Stored data entries:
________________________

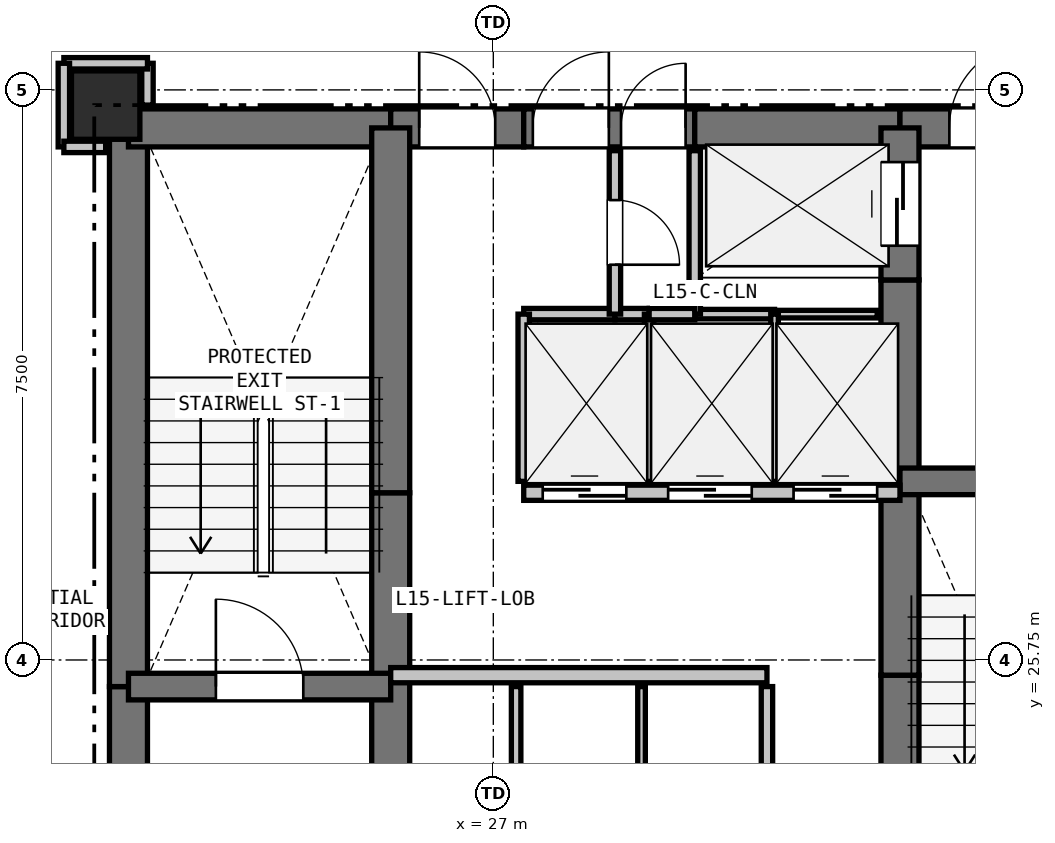
"""IFC4 building model, lengths in metres.
Left out: names, types, materials, properties, quantities, classifications, styles, units other than length and angle.
Written with IfcOpenShell. Run it as: python <this file> out.ifc"""

import sys

from ifc_helpers import new_model, si_unit, direction, frame, frame_2d, origin, origin_2d, place, context, subcontext, project, spatial, rectangle, extrude, element, fill, save


model = new_model("IFC4")
c1 = context("Model", 3, precision=1e-05, world=origin(), true_north=direction((0.0, 1.0)))
c2 = subcontext(c1, "Body", "Model", "MODEL_VIEW")
j1 = project(units=[si_unit("LENGTHUNIT", "METRE"), si_unit("PLANEANGLEUNIT", "RADIAN")], contexts=[c1])
p1 = place(None, origin())
s1 = spatial("IfcSite", under=j1, at=p1, CompositionType="ELEMENT")
p2 = place(p1, origin())
s2 = spatial("IfcBuilding", under=s1, at=p2, CompositionType="ELEMENT")
p3 = place(p2, frame((0.0, 0.0, 55.5)))
s3 = spatial("IfcBuildingStorey", under=s2, at=p3, CompositionType="ELEMENT", Elevation=55.5)
p4 = place(p3, frame((21.9, 33.05, 0.0), z_axis=(0.0, 0.0, 1.0), x_axis=(1.0, 0.0, 0.0)))
e1 = element("IfcColumn", 1, at=p4, inside=s3, PredefinedType="COLUMN", context=c2, shape_type="SweptSolid", body=[
    extrude(rectangle(XDim=0.9, YDim=0.9, at=origin_2d()), origin(), (0.0, 0.0, 1.0), 3.3),
])
p5 = place(p3, frame((22.2, 20.75, 0.0), z_axis=(0.0, 0.0, 1.0), x_axis=(0.0, 1.0, 0.0)))
e2 = element("IfcWall", 2, at=p5, inside=s3, PredefinedType="SHEAR", context=c2, shape_type="SweptSolid", body=[
    extrude(rectangle(XDim=4.65, YDim=0.5, at=frame_2d((2.325, 0.0))), origin(), (0.0, 0.0, 1.0), 3.04),
])
p6 = place(p3, frame((22.2, 25.4, 0.0), z_axis=(0.0, 0.0, 1.0), x_axis=(0.0, 1.0, 0.0)))
e3 = element("IfcWall", 3, at=p6, inside=s3, PredefinedType="SHEAR", context=c2, shape_type="SweptSolid", body=[
    extrude(rectangle(XDim=7.35, YDim=0.5, at=frame_2d((3.675, 0.0))), origin(), (0.0, 0.0, 1.0), 3.04),
])
p7 = place(p3, frame((22.2, 32.75, 0.0), z_axis=(0.0, 0.0, 1.0), x_axis=(1.0, 0.0, 0.0)))
e4 = element("IfcWall", 4, at=p7, inside=s3, PredefinedType="SHEAR", context=c2, shape_type="SweptSolid", body=[
    extrude(rectangle(XDim=3.45, YDim=0.5, at=frame_2d((1.725, 0.0))), origin(), (0.0, 0.0, 1.0), 3.04),
])
p8 = place(p3, frame((25.65, 32.75, 0.0), z_axis=(0.0, 0.0, 1.0), x_axis=(1.0, 0.0, 0.0)))
e5 = element("IfcWall", 5, at=p8, inside=s3, PredefinedType="SHEAR", context=c2, shape_type="SweptSolid", body=[
    extrude(rectangle(XDim=1.75, YDim=0.5, at=frame_2d((0.875, 0.0))), origin(), (0.0, 0.0, 1.0), 3.04),
])
p9 = place(p8, frame((0.375, 0.0, 0.0)))
e6 = element("IfcOpeningElement", 6, at=p9, cuts=e5, PredefinedType="OPENING", context=c2, shape_type="SweptSolid", body=[
    extrude(rectangle(XDim=1.0, YDim=2.15, at=frame_2d((0.5, 1.075))), frame((0.0, 0.26, 0.0), z_axis=(0.0, -1.0, 0.0), x_axis=(1.0, 0.0, 0.0)), (0.0, 0.0, 1.0), 0.52),
])
p10 = place(p3, frame((27.4, 32.75, 0.0), z_axis=(0.0, 0.0, 1.0), x_axis=(1.0, 0.0, 0.0)))
e7 = element("IfcWall", 7, at=p10, inside=s3, PredefinedType="SHEAR", context=c2, shape_type="SweptSolid", body=[
    extrude(rectangle(XDim=2.25, YDim=0.5, at=frame_2d((1.125, 0.0))), origin(), (0.0, 0.0, 1.0), 3.04),
])
p11 = place(p10, frame((0.12, 0.0, 0.0)))
e8 = element("IfcOpeningElement", 8, at=p11, cuts=e7, PredefinedType="OPENING", context=c2, shape_type="SweptSolid", body=[
    extrude(rectangle(XDim=1.0, YDim=2.15, at=frame_2d((0.5, 1.075))), frame((0.0, 0.26, 0.0), z_axis=(0.0, -1.0, 0.0), x_axis=(1.0, 0.0, 0.0)), (0.0, 0.0, 1.0), 0.52),
])
p12 = place(p10, frame((1.28, 0.0, 0.0)))
e9 = element("IfcOpeningElement", 9, at=p12, cuts=e7, PredefinedType="OPENING", context=c2, shape_type="SweptSolid", body=[
    extrude(rectangle(XDim=0.85, YDim=2.1, at=frame_2d((0.425, 1.05))), frame((0.0, 0.26, 0.0), z_axis=(0.0, -1.0, 0.0), x_axis=(1.0, 0.0, 0.0)), (0.0, 0.0, 1.0), 0.52),
])
p13 = place(p3, frame((29.65, 32.75, 0.0), z_axis=(0.0, 0.0, 1.0), x_axis=(1.0, 0.0, 0.0)))
e10 = element("IfcWall", 10, at=p13, inside=s3, PredefinedType="SHEAR", context=c2, shape_type="SweptSolid", body=[
    extrude(rectangle(XDim=2.7, YDim=0.5, at=frame_2d((1.35, 0.0))), origin(), (0.0, 0.0, 1.0), 3.04),
])
p14 = place(p3, frame((32.35, 32.75, 0.0), z_axis=(0.0, 0.0, 1.0), x_axis=(1.0, 0.0, 0.0)))
e11 = element("IfcWall", 11, at=p14, inside=s3, PredefinedType="SHEAR", context=c2, shape_type="SweptSolid", body=[
    extrude(rectangle(XDim=3.45, YDim=0.5, at=frame_2d((1.725, 0.0))), origin(), (0.0, 0.0, 1.0), 3.04),
])
p15 = place(p14, frame((0.65, 0.0, 0.0)))
e12 = element("IfcOpeningElement", 12, at=p15, cuts=e11, PredefinedType="OPENING", context=c2, shape_type="SweptSolid", body=[
    extrude(rectangle(XDim=1.15, YDim=2.15, at=frame_2d((0.575, 1.075))), frame((0.0, 0.26, 0.0), z_axis=(0.0, -1.0, 0.0), x_axis=(1.0, 0.0, 0.0)), (0.0, 0.0, 1.0), 0.52),
])
p16 = place(p3, frame((25.65, 22.75, 0.0), z_axis=(0.0, 0.0, 1.0), x_axis=(0.0, 1.0, 0.0)))
e13 = element("IfcWall", 13, at=p16, inside=s3, PredefinedType="SHEAR", context=c2, shape_type="SweptSolid", body=[
    extrude(rectangle(XDim=2.8, YDim=0.5, at=frame_2d((1.4, 0.0))), origin(), (0.0, 0.0, 1.0), 3.04),
])
p17 = place(p3, frame((25.65, 25.55, 0.0), z_axis=(0.0, 0.0, 1.0), x_axis=(0.0, 1.0, 0.0)))
e14 = element("IfcWall", 14, at=p17, inside=s3, PredefinedType="SHEAR", context=c2, shape_type="SweptSolid", body=[
    extrude(rectangle(XDim=2.4, YDim=0.5, at=frame_2d((1.2, 0.0))), origin(), (0.0, 0.0, 1.0), 3.04),
])
for number, where, z_axis, x_axis in (
    (15, (25.65, 27.95, 0.0), (0.0, 0.0, 1.0), (0.0, 1.0, 0.0)),
    (16, (32.35, 20.75, 0.0), (0.0, 0.0, 1.0), (0.0, 1.0, 0.0)),
):
    element("IfcWall", number, at=place(p3, frame(where, z_axis=z_axis, x_axis=x_axis)), inside=s3, PredefinedType="SHEAR", context=c2, shape_type="SweptSolid", body=[
        extrude(rectangle(XDim=4.8, YDim=0.5, at=frame_2d((2.4, 0.0))), origin(), (0.0, 0.0, 1.0), 3.04),
    ])
p18 = place(p3, frame((32.35, 25.55, 0.0), z_axis=(0.0, 0.0, 1.0), x_axis=(0.0, 1.0, 0.0)))
e17 = element("IfcWall", 17, at=p18, inside=s3, PredefinedType="SHEAR", context=c2, shape_type="SweptSolid", body=[
    extrude(rectangle(XDim=2.4, YDim=0.5, at=frame_2d((1.2, 0.0))), origin(), (0.0, 0.0, 1.0), 3.04),
])
p19 = place(p3, frame((32.35, 27.95, 0.0), z_axis=(0.0, 0.0, 1.0), x_axis=(0.0, 1.0, 0.0)))
e18 = element("IfcWall", 18, at=p19, inside=s3, PredefinedType="SHEAR", context=c2, shape_type="SweptSolid", body=[
    extrude(rectangle(XDim=2.8, YDim=0.5, at=frame_2d((1.4, 0.0))), origin(), (0.0, 0.0, 1.0), 3.04),
])
p20 = place(p3, frame((32.35, 30.75, 0.0), z_axis=(0.0, 0.0, 1.0), x_axis=(0.0, 1.0, 0.0)))
e19 = element("IfcWall", 19, at=p20, inside=s3, PredefinedType="SHEAR", context=c2, shape_type="SweptSolid", body=[
    extrude(rectangle(XDim=2.0, YDim=0.5, at=frame_2d((1.0, 0.0))), origin(), (0.0, 0.0, 1.0), 3.04),
])
p21 = place(p20, frame((0.45, 0.0, 0.0)))
e20 = element("IfcOpeningElement", 20, at=p21, cuts=e19, PredefinedType="OPENING", context=c2, shape_type="SweptSolid", body=[
    extrude(rectangle(XDim=1.1, YDim=2.15, at=frame_2d((0.55, 1.075))), frame((0.0, 0.26, 0.0), z_axis=(0.0, -1.0, 0.0), x_axis=(1.0, 0.0, 0.0)), (0.0, 0.0, 1.0), 0.52),
])
p22 = place(p3, frame((22.2, 25.4, 0.0), z_axis=(0.0, 0.0, 1.0), x_axis=(1.0, 0.0, 0.0)))
e21 = element("IfcWall", 21, at=p22, inside=s3, PredefinedType="SHEAR", context=c2, shape_type="SweptSolid", body=[
    extrude(rectangle(XDim=3.45, YDim=0.35, at=frame_2d((1.725, 0.0))), origin(), (0.0, 0.0, 1.0), 3.04),
])
p23 = place(p22, frame((1.15, 0.0, 0.0)))
e22 = element("IfcOpeningElement", 22, at=p23, cuts=e21, PredefinedType="OPENING", context=c2, shape_type="SweptSolid", body=[
    extrude(rectangle(XDim=1.15, YDim=2.15, at=frame_2d((0.575, 1.075))), frame((0.0, 0.185, 0.0), z_axis=(0.0, -1.0, 0.0), x_axis=(1.0, 0.0, 0.0)), (0.0, 0.0, 1.0), 0.37),
])
p24 = place(p3, frame((32.35, 28.1, 0.0), z_axis=(0.0, 0.0, 1.0), x_axis=(1.0, 0.0, 0.0)))
e23 = element("IfcWall", 23, at=p24, inside=s3, PredefinedType="SHEAR", context=c2, shape_type="SweptSolid", body=[
    extrude(rectangle(XDim=3.45, YDim=0.35, at=frame_2d((1.725, 0.0))), origin(), (0.0, 0.0, 1.0), 3.04),
])
p25 = place(p24, frame((1.15, 0.0, 0.0)))
e24 = element("IfcOpeningElement", 24, at=p25, cuts=e23, PredefinedType="OPENING", context=c2, shape_type="SweptSolid", body=[
    extrude(rectangle(XDim=1.15, YDim=2.15, at=frame_2d((0.575, 1.075))), frame((0.0, 0.185, 0.0), z_axis=(0.0, -1.0, 0.0), x_axis=(1.0, 0.0, 0.0)), (0.0, 0.0, 1.0), 0.37),
])
p26 = place(p3, frame((25.65, 25.55, 0.0), z_axis=(0.0, 0.0, 1.0), x_axis=(1.0, 0.0, 0.0)))
e25 = element("IfcWall", 25, at=p26, inside=s3, PredefinedType="PARTITIONING", context=c2, shape_type="SweptSolid", body=[
    extrude(rectangle(XDim=4.95, YDim=0.2, at=frame_2d((2.475, 0.0))), origin(), (0.0, 0.0, 1.0), 3.04),
])
p27 = place(p3, frame((27.4, 27.95, 0.0), z_axis=(0.0, 0.0, 1.0), x_axis=(1.0, 0.0, 0.0)))
e26 = element("IfcWall", 26, at=p27, inside=s3, PredefinedType="PARTITIONING", context=c2, shape_type="SweptSolid", body=[
    extrude(rectangle(XDim=4.95, YDim=0.2, at=frame_2d((2.475, 0.0))), origin(), (0.0, 0.0, 1.0), 3.04),
])
p28 = place(p27, frame((0.25, 0.0, 0.0)))
e27 = element("IfcOpeningElement", 27, at=p28, cuts=e26, PredefinedType="OPENING", context=c2, shape_type="SweptSolid", body=[
    extrude(rectangle(XDim=1.1, YDim=2.15, at=frame_2d((0.55, 1.075))), frame((0.0, 0.11, 0.0), z_axis=(0.0, -1.0, 0.0), x_axis=(1.0, 0.0, 0.0)), (0.0, 0.0, 1.0), 0.22),
])
p29 = place(p27, frame((1.9, 0.0, 0.0)))
e28 = element("IfcOpeningElement", 28, at=p29, cuts=e26, PredefinedType="OPENING", context=c2, shape_type="SweptSolid", body=[
    extrude(rectangle(XDim=1.1, YDim=2.15, at=frame_2d((0.55, 1.075))), frame((0.0, 0.11, 0.0), z_axis=(0.0, -1.0, 0.0), x_axis=(1.0, 0.0, 0.0)), (0.0, 0.0, 1.0), 0.22),
])
p30 = place(p27, frame((3.55, 0.0, 0.0)))
e29 = element("IfcOpeningElement", 29, at=p30, cuts=e26, PredefinedType="OPENING", context=c2, shape_type="SweptSolid", body=[
    extrude(rectangle(XDim=1.1, YDim=2.15, at=frame_2d((0.55, 1.075))), frame((0.0, 0.11, 0.0), z_axis=(0.0, -1.0, 0.0), x_axis=(1.0, 0.0, 0.0)), (0.0, 0.0, 1.0), 0.22),
])
p31 = place(p3, frame((32.05, 30.3, 0.0), z_axis=(0.0, 0.0, 1.0), x_axis=(-1.0, 0.0, 0.0)))
e30 = element("IfcWall", 30, at=p31, inside=s3, PredefinedType="PARTITIONING", context=c2, shape_type="SweptSolid", body=[
    extrude(rectangle(XDim=1.35, YDim=0.1, at=frame_2d((0.675, 0.0))), origin(), (0.0, 0.0, 1.0), 3.04),
])
p32 = place(p3, frame((30.7, 30.3, 0.0), z_axis=(0.0, 0.0, 1.0), x_axis=(-1.0, 0.0, 0.0)))
e31 = element("IfcWall", 31, at=p32, inside=s3, PredefinedType="PARTITIONING", context=c2, shape_type="SweptSolid", body=[
    extrude(rectangle(XDim=1.05, YDim=0.125, at=frame_2d((0.525, 0.0))), origin(), (0.0, 0.0, 1.0), 3.04),
])
p33 = place(p3, frame((29.65, 30.3, 0.0), z_axis=(0.0, 0.0, 1.0), x_axis=(0.0, 1.0, 0.0)))
e32 = element("IfcWall", 32, at=p33, inside=s3, PredefinedType="PARTITIONING", context=c2, shape_type="SweptSolid", body=[
    extrude(rectangle(XDim=2.15, YDim=0.15, at=frame_2d((1.075, 0.0))), origin(), (0.0, 0.0, 1.0), 3.04),
])
p34 = place(p3, frame((27.3, 25.4, 0.0), z_axis=(0.0, 0.0, 1.0), x_axis=(0.0, -1.0, 0.0)))
e33 = element("IfcWall", 33, at=p34, inside=s3, PredefinedType="PARTITIONING", context=c2, shape_type="SweptSolid", body=[
    extrude(rectangle(XDim=2.2, YDim=0.125, at=frame_2d((1.1, 0.0))), origin(), (0.0, 0.0, 1.0), 3.04),
])
p35 = place(p3, frame((28.95, 25.4, 0.0), z_axis=(0.0, 0.0, 1.0), x_axis=(0.0, -1.0, 0.0)))
e34 = element("IfcWall", 34, at=p35, inside=s3, PredefinedType="PARTITIONING", context=c2, shape_type="SweptSolid", body=[
    extrude(rectangle(XDim=2.2, YDim=0.1, at=frame_2d((1.1, 0.0))), origin(), (0.0, 0.0, 1.0), 3.04),
])
p36 = place(p3, frame((30.6, 25.4, 0.0), z_axis=(0.0, 0.0, 1.0), x_axis=(0.0, -1.0, 0.0)))
e35 = element("IfcWall", 35, at=p36, inside=s3, PredefinedType="PARTITIONING", context=c2, shape_type="SweptSolid", body=[
    extrude(rectangle(XDim=2.2, YDim=0.15, at=frame_2d((1.1, 0.0))), origin(), (0.0, 0.0, 1.0), 3.04),
])
p37 = place(p3, frame((27.4, 30.3, 0.0), z_axis=(0.0, 0.0, 1.0), x_axis=(1.0, 0.0, 0.0)))
e36 = element("IfcWall", 36, at=p37, inside=s3, PredefinedType="PARTITIONING", context=c2, shape_type="SweptSolid", body=[
    extrude(rectangle(XDim=1.2, YDim=0.15, at=frame_2d((0.6, 0.0))), origin(), (0.0, 0.0, 1.0), 3.04),
])
p38 = place(p3, frame((28.6, 30.3, 0.0), z_axis=(0.0, 0.0, 1.0), x_axis=(1.0, 0.0, 0.0)))
e37 = element("IfcWall", 37, at=p38, inside=s3, PredefinedType="PARTITIONING", context=c2, shape_type="SweptSolid", body=[
    extrude(rectangle(XDim=0.45, YDim=0.15, at=frame_2d((0.225, 0.0))), origin(), (0.0, 0.0, 1.0), 3.04),
])
p39 = place(p3, frame((29.05, 30.3, 0.0), z_axis=(0.0, 0.0, 1.0), x_axis=(0.0, -1.0, 0.0)))
e38 = element("IfcWall", 38, at=p39, inside=s3, PredefinedType="PARTITIONING", context=c2, shape_type="SweptSolid", body=[
    extrude(rectangle(XDim=2.2, YDim=0.125, at=frame_2d((1.1, 0.0))), origin(), (0.0, 0.0, 1.0), 3.04),
])
p40 = place(p3, frame((27.4, 28.1, 0.0), z_axis=(0.0, 0.0, 1.0), x_axis=(0.0, 1.0, 0.0)))
e39 = element("IfcWall", 39, at=p40, inside=s3, PredefinedType="PARTITIONING", context=c2, shape_type="SweptSolid", body=[
    extrude(rectangle(XDim=2.2, YDim=0.15, at=frame_2d((1.1, 0.0))), origin(), (0.0, 0.0, 1.0), 3.04),
])
p41 = place(p3, frame((29.05, 30.3, 0.0), z_axis=(0.0, 0.0, 1.0), x_axis=(1.0, 0.0, 0.0)))
e40 = element("IfcWall", 40, at=p41, inside=s3, PredefinedType="PARTITIONING", context=c2, shape_type="SweptSolid", body=[
    extrude(rectangle(XDim=0.6, YDim=0.15, at=frame_2d((0.3, 0.0))), origin(), (0.0, 0.0, 1.0), 3.04),
])
p42 = place(p3, frame((30.7, 30.3, 0.0), z_axis=(0.0, 0.0, 1.0), x_axis=(0.0, -1.0, 0.0)))
e41 = element("IfcWall", 41, at=p42, inside=s3, PredefinedType="PARTITIONING", context=c2, shape_type="SweptSolid", body=[
    extrude(rectangle(XDim=2.2, YDim=0.1, at=frame_2d((1.1, 0.0))), origin(), (0.0, 0.0, 1.0), 3.04),
])
p43 = place(p3, frame((28.6, 32.45, 0.0), z_axis=(0.0, 0.0, 1.0), x_axis=(0.0, -1.0, 0.0)))
e42 = element("IfcWall", 42, at=p43, inside=s3, PredefinedType="PARTITIONING", context=c2, shape_type="SweptSolid", body=[
    extrude(rectangle(XDim=2.15, YDim=0.15, at=frame_2d((1.075, 0.0))), origin(), (0.0, 0.0, 1.0), 3.04),
])
p44 = place(p43, frame((0.65, 0.0, 0.0)))
e43 = element("IfcOpeningElement", 43, at=p44, cuts=e42, PredefinedType="OPENING", context=c2, shape_type="SweptSolid", body=[
    extrude(rectangle(XDim=0.85, YDim=2.1, at=frame_2d((0.425, 1.05))), frame((0.0, 0.085, 0.0), z_axis=(0.0, -1.0, 0.0), x_axis=(1.0, 0.0, 0.0)), (0.0, 0.0, 1.0), 0.17),
])
p45 = place(p3, frame((22.45, 33.05, 0.0), z_axis=(0.0, 0.0, 1.0), x_axis=(0.0, 1.0, 0.0)))
e44 = element("IfcWall", 44, at=p45, inside=s3, PredefinedType="PARTITIONING", context=c2, shape_type="SweptSolid", body=[
    extrude(rectangle(XDim=0.55, YDim=0.15, at=frame_2d((0.275, 0.0))), origin(), (0.0, 0.0, 1.0), 2.488),
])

________________________

YOUR ASSIGNMENT. Look through the entries for the string "import". Every line that has it belongs in the answer.

ANSWER SECTION.
import sys
from ifc_helpers import new_model, si_unit, direction, frame, frame_2d, origin, origin_2d, place, context, subcontext, project, spatial, rectangle, extrude, element, fill, save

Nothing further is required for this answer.